Find the line below that contains "fill(e21, e24)". Transcribe it and every line after it exactly, adding nothing.

Dataset items:
*** Block opens ***

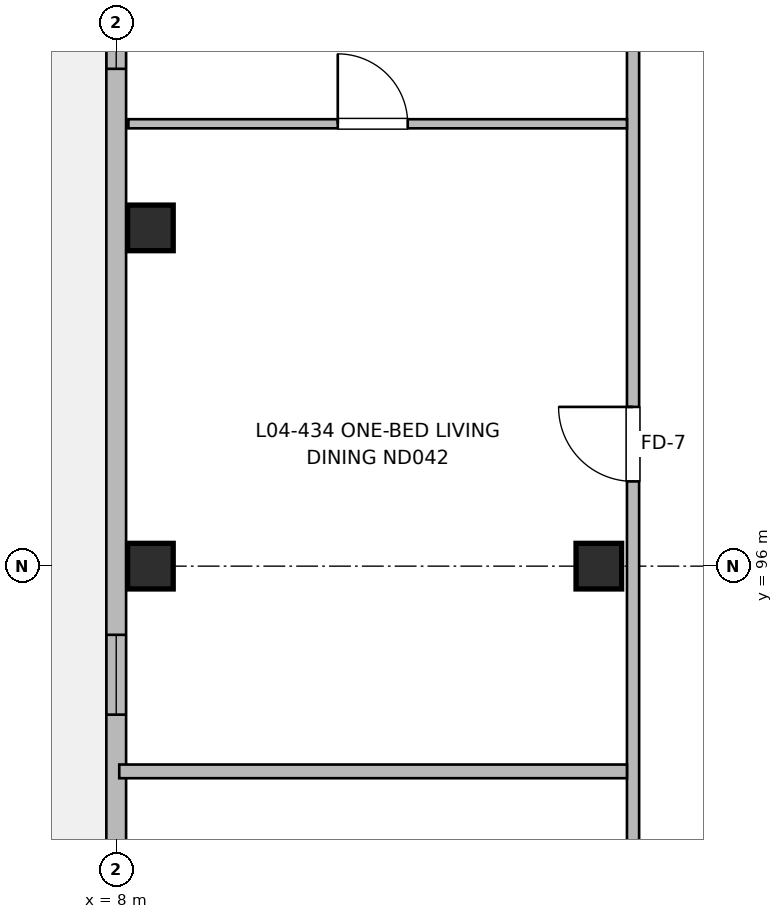
"""IFC4 building model, lengths in metres.
Left out: names, types, materials, properties, quantities, classifications, styles, units other than length and angle.
Written with IfcOpenShell. Run it as: python <this file> out.ifc"""

import sys

from ifc_helpers import new_model, si_unit, direction, frame, frame_2d, origin, origin_2d, place, context, subcontext, project, spatial, rectangle, extrude, element, fill, save


model = new_model("IFC4")
c1 = context("Model", 3, precision=1e-05, world=origin(), true_north=direction((0.0, 1.0)))
c2 = subcontext(c1, "Body", "Model", "MODEL_VIEW")
j1 = project(units=[si_unit("LENGTHUNIT", "METRE"), si_unit("PLANEANGLEUNIT", "RADIAN")], contexts=[c1])
p1 = place(None, origin())
s1 = spatial("IfcSite", under=j1, at=p1, CompositionType="ELEMENT")
p2 = place(p1, origin())
s2 = spatial("IfcBuilding", under=s1, at=p2, CompositionType="ELEMENT")
p3 = place(p2, frame((0.0, 0.0, 13.76)))
s3 = spatial("IfcBuildingStorey", under=s2, at=p3, CompositionType="ELEMENT", Elevation=13.76)
for number, where, z_axis, x_axis in (
    (1, (8.45, 96.0, 0.0), (0.0, 0.0, 1.0), (1.0, 0.0, 0.0)),
    (2, (8.45, 100.45, 0.0), (0.0, 0.0, 1.0), (1.0, 0.0, 0.0)),
    (3, (14.35, 96.0, 0.0), (0.0, 0.0, 1.0), (1.0, 0.0, 0.0)),
):
    element("IfcColumn", number, at=place(p3, frame(where, z_axis=z_axis, x_axis=x_axis)), inside=s3, PredefinedType="COLUMN", context=c2, shape_type="SweptSolid", body=[
        extrude(rectangle(XDim=0.6, YDim=0.6, at=origin_2d()), origin(), (0.0, 0.0, 1.0), 3.2),
    ])
p4 = place(p3, frame((8.0, 56.0, 0.0), z_axis=(0.0, 0.0, 1.0), x_axis=(0.0, 1.0, 0.0)))
e4 = element("IfcWall", 4, at=p4, inside=s3, PredefinedType="SOLIDWALL", context=c2, shape_type="SweptSolid", body=[
    extrude(rectangle(XDim=60.0, YDim=0.26, at=frame_2d((30.0, 0.0))), origin(), (0.0, 0.0, 1.0), 2.98),
])
p5 = place(p4, frame((3.686, 0.0, 0.0)))
e5 = element("IfcOpeningElement", 5, at=p5, cuts=e4, PredefinedType="OPENING", context=c2, shape_type="SweptSolid", body=[
    extrude(rectangle(XDim=1.2, YDim=2.2, at=frame_2d((0.6, 1.1))), frame((0.0, 0.14, 0.0), z_axis=(0.0, -1.0, 0.0), x_axis=(1.0, 0.0, 0.0)), (0.0, 0.0, 1.0), 0.28),
])
p6 = place(p4, frame((5.586, 0.0, 0.9)))
e6 = element("IfcOpeningElement", 6, at=p6, cuts=e4, PredefinedType="OPENING", context=c2, shape_type="SweptSolid", body=[
    extrude(rectangle(XDim=1.05, YDim=1.15, at=frame_2d((0.525, 0.575))), frame((0.0, 0.14, 0.0), z_axis=(0.0, -1.0, 0.0), x_axis=(1.0, 0.0, 0.0)), (0.0, 0.0, 1.0), 0.28),
])
p7 = place(p4, frame((12.207, 0.0, 0.82)))
e7 = element("IfcOpeningElement", 7, at=p7, cuts=e4, PredefinedType="OPENING", context=c2, shape_type="SweptSolid", body=[
    extrude(rectangle(XDim=1.3, YDim=1.4, at=frame_2d((0.65, 0.7))), frame((0.0, 0.14, 0.0), z_axis=(0.0, -1.0, 0.0), x_axis=(1.0, 0.0, 0.0)), (0.0, 0.0, 1.0), 0.28),
])
p8 = place(p4, frame((19.079, 0.0, 0.67)))
e8 = element("IfcOpeningElement", 8, at=p8, cuts=e4, PredefinedType="OPENING", context=c2, shape_type="SweptSolid", body=[
    extrude(rectangle(XDim=2.1, YDim=1.55, at=frame_2d((1.05, 0.775))), frame((0.0, 0.14, 0.0), z_axis=(0.0, -1.0, 0.0), x_axis=(1.0, 0.0, 0.0)), (0.0, 0.0, 1.0), 0.28),
])
p9 = place(p4, frame((29.325, 0.0, 0.72)))
e9 = element("IfcOpeningElement", 9, at=p9, cuts=e4, PredefinedType="OPENING", context=c2, shape_type="SweptSolid", body=[
    extrude(rectangle(XDim=2.25, YDim=1.5, at=frame_2d((1.125, 0.75))), frame((0.0, 0.14, 0.0), z_axis=(0.0, -1.0, 0.0), x_axis=(1.0, 0.0, 0.0)), (0.0, 0.0, 1.0), 0.28),
])
p10 = place(p4, frame((38.046, 0.0, 0.9)))
e10 = element("IfcOpeningElement", 10, at=p10, cuts=e4, PredefinedType="OPENING", context=c2, shape_type="SweptSolid", body=[
    extrude(rectangle(XDim=1.05, YDim=1.15, at=frame_2d((0.525, 0.575))), frame((0.0, 0.14, 0.0), z_axis=(0.0, -1.0, 0.0), x_axis=(1.0, 0.0, 0.0)), (0.0, 0.0, 1.0), 0.28),
])
p11 = place(p4, frame((46.543, 0.0, 0.9)))
e11 = element("IfcOpeningElement", 11, at=p11, cuts=e4, PredefinedType="OPENING", context=c2, shape_type="SweptSolid", body=[
    extrude(rectangle(XDim=1.2, YDim=1.05, at=frame_2d((0.6, 0.525))), frame((0.0, 0.14, 0.0), z_axis=(0.0, -1.0, 0.0), x_axis=(1.0, 0.0, 0.0)), (0.0, 0.0, 1.0), 0.28),
])
p12 = place(p4, frame((55.839, 0.0, 0.9)))
e12 = element("IfcOpeningElement", 12, at=p12, cuts=e4, PredefinedType="OPENING", context=c2, shape_type="SweptSolid", body=[
    extrude(rectangle(XDim=0.65, YDim=0.95, at=frame_2d((0.325, 0.475))), frame((0.0, 0.14, 0.0), z_axis=(0.0, -1.0, 0.0), x_axis=(1.0, 0.0, 0.0)), (0.0, 0.0, 1.0), 0.28),
])
p13 = place(p3, frame((14.8, 56.16, 0.0), z_axis=(0.0, 0.0, 1.0), x_axis=(0.0, 1.0, 0.0)))
e13 = element("IfcWall", 13, at=p13, inside=s3, PredefinedType="PARTITIONING", context=c2, shape_type="SweptSolid", body=[
    extrude(rectangle(XDim=50.64, YDim=0.16, at=frame_2d((25.32, 0.0))), origin(), (0.0, 0.0, 1.0), 2.935),
])
p14 = place(p13, frame((12.84, 0.0, 0.0)))
e14 = element("IfcOpeningElement", 14, at=p14, cuts=e13, PredefinedType="OPENING", context=c2, shape_type="SweptSolid", body=[
    extrude(rectangle(XDim=1.1, YDim=2.15, at=frame_2d((0.55, 1.075))), frame((0.0, 0.09, 0.0), z_axis=(0.0, -1.0, 0.0), x_axis=(1.0, 0.0, 0.0)), (0.0, 0.0, 1.0), 0.18),
])
p15 = place(p13, frame((19.24, 0.0, 0.0)))
e15 = element("IfcOpeningElement", 15, at=p15, cuts=e13, PredefinedType="OPENING", context=c2, shape_type="SweptSolid", body=[
    extrude(rectangle(XDim=1.6, YDim=2.15, at=frame_2d((0.8, 1.075))), frame((0.0, 0.09, 0.0), z_axis=(0.0, -1.0, 0.0), x_axis=(1.0, 0.0, 0.0)), (0.0, 0.0, 1.0), 0.18),
])
p16 = place(p13, frame((1.8, 0.0, 0.0)))
e16 = element("IfcOpeningElement", 16, at=p16, cuts=e13, PredefinedType="OPENING", context=c2, shape_type="SweptSolid", body=[
    extrude(rectangle(XDim=0.96, YDim=2.15, at=frame_2d((0.48, 1.075))), frame((0.0, 0.09, 0.0), z_axis=(0.0, -1.0, 0.0), x_axis=(1.0, 0.0, 0.0)), (0.0, 0.0, 1.0), 0.18),
])
p17 = place(p13, frame((32.745, 0.0, 0.0)))
e17 = element("IfcOpeningElement", 17, at=p17, cuts=e13, PredefinedType="OPENING", context=c2, shape_type="SweptSolid", body=[
    extrude(rectangle(XDim=0.98, YDim=2.15, at=frame_2d((0.49, 1.075))), frame((0.0, 0.09, 0.0), z_axis=(0.0, -1.0, 0.0), x_axis=(1.0, 0.0, 0.0)), (0.0, 0.0, 1.0), 0.18),
])
p18 = place(p13, frame((40.955, 0.0, 0.0)))
e18 = element("IfcOpeningElement", 18, at=p18, cuts=e13, PredefinedType="OPENING", context=c2, shape_type="SweptSolid", body=[
    extrude(rectangle(XDim=0.98, YDim=2.15, at=frame_2d((0.49, 1.075))), frame((0.0, 0.09, 0.0), z_axis=(0.0, -1.0, 0.0), x_axis=(1.0, 0.0, 0.0)), (0.0, 0.0, 1.0), 0.18),
])
p19 = place(p3, frame((8.04, 93.3, 0.0), z_axis=(0.0, 0.0, 1.0), x_axis=(1.0, 0.0, 0.0)))
e19 = element("IfcWall", 19, at=p19, inside=s3, PredefinedType="PARTITIONING", context=c2, shape_type="SweptSolid", body=[
    extrude(rectangle(XDim=6.68, YDim=0.18, at=frame_2d((3.34, 0.0))), origin(), (0.0, 0.0, 1.0), 2.935),
])
p20 = place(p3, frame((8.16, 101.82, 0.0), z_axis=(0.0, 0.0, 1.0), x_axis=(1.0, 0.0, 0.0)))
e20 = element("IfcWall", 20, at=p20, inside=s3, PredefinedType="PARTITIONING", context=c2, shape_type="SweptSolid", body=[
    extrude(rectangle(XDim=6.56, YDim=0.12, at=frame_2d((3.28, 0.0))), origin(), (0.0, 0.0, 1.0), 2.935),
])
p21 = place(p20, frame((2.755, 0.0, 0.0)))
e21 = element("IfcOpeningElement", 21, at=p21, cuts=e20, PredefinedType="OPENING", context=c2, shape_type="SweptSolid", body=[
    extrude(rectangle(XDim=0.92, YDim=2.1, at=frame_2d((0.46, 1.05))), frame((0.0, 0.07, 0.0), z_axis=(0.0, -1.0, 0.0), x_axis=(1.0, 0.0, 0.0)), (0.0, 0.0, 1.0), 0.14),
])
p22 = place(p10, origin())
e22 = element("IfcWindow", 22, at=p22, inside=s3, PartitioningType="SINGLE_PANEL", PredefinedType="WINDOW", context=c2, shape_type="SweptSolid", body=[
    extrude(rectangle(XDim=1.05, YDim=1.15, at=frame_2d((0.525, 0.575))), frame((0.0, 0.03, 0.0), z_axis=(0.0, -1.0, 0.0), x_axis=(1.0, 0.0, 0.0)), (0.0, 0.0, 1.0), 0.06),
])
fill(e10, e22)
p23 = place(p11, origin())
e23 = element("IfcWindow", 23, at=p23, inside=s3, PartitioningType="SINGLE_PANEL", PredefinedType="WINDOW", context=c2, shape_type="SweptSolid", body=[
    extrude(rectangle(XDim=1.2, YDim=1.05, at=frame_2d((0.6, 0.525))), frame((0.0, 0.03, 0.0), z_axis=(0.0, -1.0, 0.0), x_axis=(1.0, 0.0, 0.0)), (0.0, 0.0, 1.0), 0.06),
])
fill(e11, e23)
p24 = place(p21, origin())
e24 = element("IfcDoor", 24, at=p24, inside=s3, OperationType="SINGLE_SWING_LEFT", PredefinedType="DOOR", context=c2, shape_type="SweptSolid", body=[
    extrude(rectangle(XDim=0.92, YDim=2.1, at=frame_2d((0.46, 1.05))), frame((0.0, 0.025, 0.0), z_axis=(0.0, -1.0, 0.0), x_axis=(1.0, 0.0, 0.0)), (0.0, 0.0, 1.0), 0.05),
])
fill(e21, e24)
p25 = place(p18, origin())
e25 = element("IfcDoor", 25, at=p25, inside=s3, OperationType="SINGLE_SWING_RIGHT", PredefinedType="DOOR", context=c2, shape_type="SweptSolid", body=[
    extrude(rectangle(XDim=0.98, YDim=2.15, at=frame_2d((0.49, 1.075))), frame((0.0, 0.025, 0.0), z_axis=(0.0, -1.0, 0.0), x_axis=(1.0, 0.0, 0.0)), (0.0, 0.0, 1.0), 0.05),
])
fill(e18, e25)
save(model, sys.argv[1])

*** Block closes ***

● **SOLUTION TO THIS PROBLEM**:
fill(e21, e24)
p25 = place(p18, origin())
e25 = element("IfcDoor", 25, at=p25, inside=s3, OperationType="SINGLE_SWING_RIGHT", PredefinedType="DOOR", context=c2, shape_type="SweptSolid", body=[
    extrude(rectangle(XDim=0.98, YDim=2.15, at=frame_2d((0.49, 1.075))), frame((0.0, 0.025, 0.0), z_axis=(0.0, -1.0, 0.0), x_axis=(1.0, 0.0, 0.0)), (0.0, 0.0, 1.0), 0.05),
])
fill(e18, e25)
save(model, sys.argv[1])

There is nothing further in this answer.